== Segment start ==

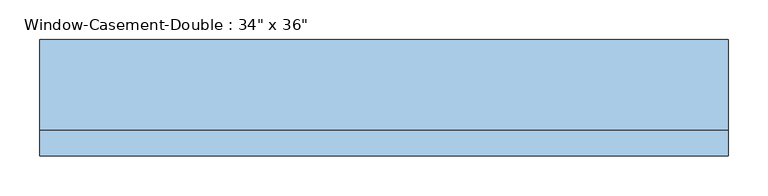
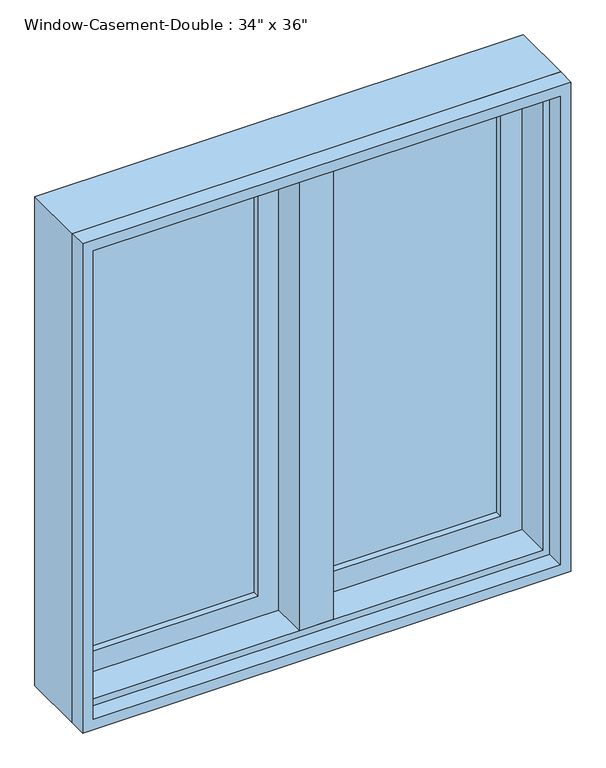
"""IFC4 building model written with IfcOpenShell, lengths in millimetres: window geometry."""

from ifc_helpers import new_model, si_unit, frame, origin, place, context, project, spatial, polyline, outline, extrude, faceted_brep, source, transform, mapped, element, save


def window_0d9958e7(model_context):
    return source(origin(), model_context, "Body", "SolidModel", [
        faceted_brep([(9.525, 82.55, 1816.1), (-9.525, 82.55, 1816.1), (-9.525, 31.75, 1816.1), (9.525, 31.75, 1816.1), (9.525, 82.55, 927.1), (9.525, 31.75, 927.1), (-9.525, 31.75, 927.1), (-9.525, 82.55, 927.1), (-9.525, 31.75, 946.15), (-9.525, 31.75, 1797.05), (-30.1625, 31.75, 946.15), (-30.1625, 31.75, 1797.05), (-30.1625, -31.75, 946.15), (-30.1625, -31.75, 1797.05), (30.1625, -31.75, 946.15), (30.1625, -31.75, 1797.05), (30.1625, 31.75, 946.15), (30.1625, 31.75, 1797.05), (9.525, 31.75, 946.15), (9.525, 31.75, 1797.05)], [[[0, 1, 2, 3]], [[4, 5, 6, 7]], [[1, 0, 4, 7]], [[2, 1, 7, 6, 8, 9]], [[9, 8, 10, 11]], [[11, 10, 12, 13]], [[13, 12, 14, 15]], [[15, 14, 16, 17]], [[17, 16, 18, 19]], [[0, 3, 19, 18, 5, 4]], [[18, 8, 6, 5]], [[9, 19, 3, 2]], [[8, 18, 16, 14, 12, 10]], [[19, 9, 11, 13, 15, 17]]]),
        extrude(outline(polyline([(-66.675, 63.5), (-66.675, 57.15), (-361.95, 57.15), (-361.95, 63.5), (-66.675, 63.5)])), frame((0.0, 0.0, 984.25), z_axis=(0.0, 0.0, 1.0), x_axis=(1.0, 0.0, 0.0)), (0.0, 0.0, 1.0), 774.7),
        extrude(outline(polyline([(-361.95, 44.45), (-361.95, 50.8), (-66.675, 50.8), (-66.675, 44.45), (-361.95, 44.45)])), frame((0.0, 0.0, 984.25), z_axis=(0.0, 0.0, 1.0), x_axis=(1.0, 0.0, 0.0)), (0.0, 0.0, 1.0), 774.7),
        extrude(outline(polyline([(361.95, 63.5), (361.95, 57.15), (66.675, 57.15), (66.675, 63.5), (361.95, 63.5)])), frame((0.0, 0.0, 984.25), z_axis=(0.0, 0.0, 1.0), x_axis=(1.0, 0.0, 0.0)), (0.0, 0.0, 1.0), 774.7),
        extrude(outline(polyline([(66.675, 44.45), (66.675, 50.8), (361.95, 50.8), (361.95, 44.45), (66.675, 44.45)])), frame((0.0, 0.0, 984.25), z_axis=(0.0, 0.0, 1.0), x_axis=(1.0, 0.0, 0.0)), (0.0, 0.0, 1.0), 774.7),
        extrude(outline(polyline([(1816.1, -419.1), (927.1, -419.1), (927.1, -9.525), (1816.1, -9.525), (1816.1, -419.1)]), holes=[polyline([(1758.95, -66.675), (984.25, -66.675), (984.25, -361.95), (1758.95, -361.95), (1758.95, -66.675)])]), frame((0.0, 31.75, 0.0), z_axis=(0.0, 1.0, 0.0), x_axis=(0.0, 0.0, 1.0)), (0.0, 0.0, 1.0), 44.45),
        extrude(outline(polyline([(927.1, 419.1), (1816.1, 419.1), (1816.1, 9.525), (927.1, 9.525), (927.1, 419.1)]), holes=[polyline([(984.25, 66.675), (1758.95, 66.675), (1758.95, 361.95), (984.25, 361.95), (984.25, 66.675)])]), frame((0.0, 31.75, 0.0), z_axis=(0.0, 1.0, 0.0), x_axis=(0.0, 0.0, 1.0)), (0.0, 0.0, 1.0), 44.45),
        extrude(outline(polyline([(1828.8, -431.8), (914.4, -431.8), (914.4, 431.8), (1828.8, 431.8), (1828.8, -431.8)]), holes=[polyline([(1809.75, 412.75), (933.45, 412.75), (933.45, -412.75), (1809.75, -412.75), (1809.75, 412.75)])]), frame((0.0, -63.5, 0.0), z_axis=(0.0, 1.0, 0.0), x_axis=(0.0, 0.0, 1.0)), (0.0, 0.0, 1.0), 31.75),
        faceted_brep([(400.05, 31.75, 1797.05), (400.05, -31.75, 1797.05), (-400.05, -31.75, 1797.05), (-400.05, 31.75, 1797.05), (419.1, 82.55, 1816.1), (419.1, 31.75, 1816.1), (-419.1, 31.75, 1816.1), (-419.1, 82.55, 1816.1), (431.8, -31.75, 1828.8), (431.8, 82.55, 1828.8), (-431.8, 82.55, 1828.8), (-431.8, -31.75, 1828.8), (-400.05, -31.75, 946.15), (-400.05, 31.75, 946.15), (-419.1, 31.75, 927.1), (-419.1, 82.55, 927.1), (-431.8, 82.55, 914.4), (-431.8, -31.75, 914.4), (400.05, -31.75, 946.15), (400.05, 31.75, 946.15), (419.1, 31.75, 927.1), (419.1, 82.55, 927.1), (431.8, 82.55, 914.4), (431.8, -31.75, 914.4)], [[[0, 1, 2, 3]], [[4, 5, 6, 7]], [[8, 9, 10, 11]], [[3, 2, 12, 13]], [[7, 6, 14, 15]], [[11, 10, 16, 17]], [[13, 12, 18, 19]], [[15, 14, 20, 21]], [[17, 16, 22, 23]], [[11, 17, 23, 8], [1, 18, 12, 2]], [[19, 18, 1, 0]], [[5, 20, 14, 6], [3, 13, 19, 0]], [[21, 20, 5, 4]], [[23, 22, 9, 8]], [[9, 22, 16, 10], [7, 15, 21, 4]]]),
    ])


if __name__ == "__main__":
    model = new_model("IFC4")
    model_context = context("Model", 3, world=origin())
    ifc_project = project(units=[si_unit("LENGTHUNIT", "METRE", prefix="MILLI")], contexts=[model_context])
    site = spatial("IfcSite", under=ifc_project)
    building = spatial("IfcBuilding", under=site)
    placement = place(None, origin())
    window_shape = window_0d9958e7(model_context)
    element("IfcWindow", 1, ObjectType="Window-Casement-Double : 34\" x 36\"", at=placement, inside=building, context=model_context, shape_type="MappedRepresentation", body=[
        mapped(window_shape, transform((0.0, 0.0, 0.0), x_axis=(1.0, 0.0, 0.0), y_axis=(0.0, 1.0, 0.0), z_axis=(0.0, 0.0, 1.0))),
    ])
    save(model, "model.ifc")

# Revit data of these elements
# Type "Window-Casement-Double : 34\" x 36\""
#   Type Mark = "14"
#   Fire Rating = "0.5h"
#   Assembly Code = "B2020100"
#   Analytic Construction = "Double glazing - domestic"
#   Frame Extension [instance default] = 0' - 0 1/4"
#   Window Inset [instance default] = 0' - 0"
#   Wall Thickness [instance default] = 0' - 6"
#   Interior Wall Closure [instance default] = 0' - 2 1/4"
#   Half Width = 1' - 5"
#   Visual Light Transmittance = 0.81
#   Thermal Resistance (R) = 1.8146 (h·ft²·°F)/BTU
#   Solar Heat Gain Coefficient = 0.76
#   Rough Width = 2' - 10 1/2"
#   Rough Height = 3' - 0 1/2"
#   Height = 3' - 0"
#   Heat Transfer Coefficient (U) = 0.5511 BTU/(h·ft²·°F)
#   Exterior Wall Closure [instance default] = 0' - 1 1/4"
#   Extension Jamb [instance default] = 0' - 2 1/4"
#   Default Sill Height = 3' - 0"
#   Width = 2' - 10"
#   Define Thermal Properties by = 0
#   Muntin Visibility = yes
#   Interior Trim Visibility [instance default] = yes
#   Exterior Trim Visibility [instance default] = yes
#   Extension Jamb Visibility [instance default] = yes
#   Interior Trim Material = Wood - Stained
#   Muntin Pattern = Muntin Pattern_2x2 : Muntin Pattern_2x2
#   Interior Trim = Trim-Window-Interior-Flat : Picture Frame
#   Interior Frame Material = Wood - Stained
#   Glass Panel Material = Glass
#   Exterior Trim Material = Clad - White
#   Exterior Trim = Trim-Window-Exterior-Flat : with Sill
#   Exterior Frame Material = Clad - White
#   Wall Closure = (empty or 0)
# Element 1 (IfcWindow, "Window-Casement-Double : 34\" x 36\"")
#   Wall Thickness = 0' - 5"
#   Extension Jamb = 0' - 1 1/4"
#   Materials on its faces: "Wood - Stained", "Glass", "Clad - White"
# Materials
#   "Wood - Stained": class "Wood", colour RGB 224 178 126, transparency 0, Cost = 0
#   "Glass": class "Glass", colour RGB 0 128 192, transparency 0.75, Description = "Soda Lime Glass", Cost = 0
#   "Clad - White": class "Wood", colour RGB 242 242 238, transparency 0, Cost = 0

== Segment end ==

Print the line that contains "colour RGB 0" and each line after it up to the end of the listing, exactly as written.

#### Problem solution
#   "Glass": class "Glass", colour RGB 0 128 192, transparency 0.75, Description = "Soda Lime Glass", Cost = 0
#   "Clad - White": class "Wood", colour RGB 242 242 238, transparency 0, Cost = 0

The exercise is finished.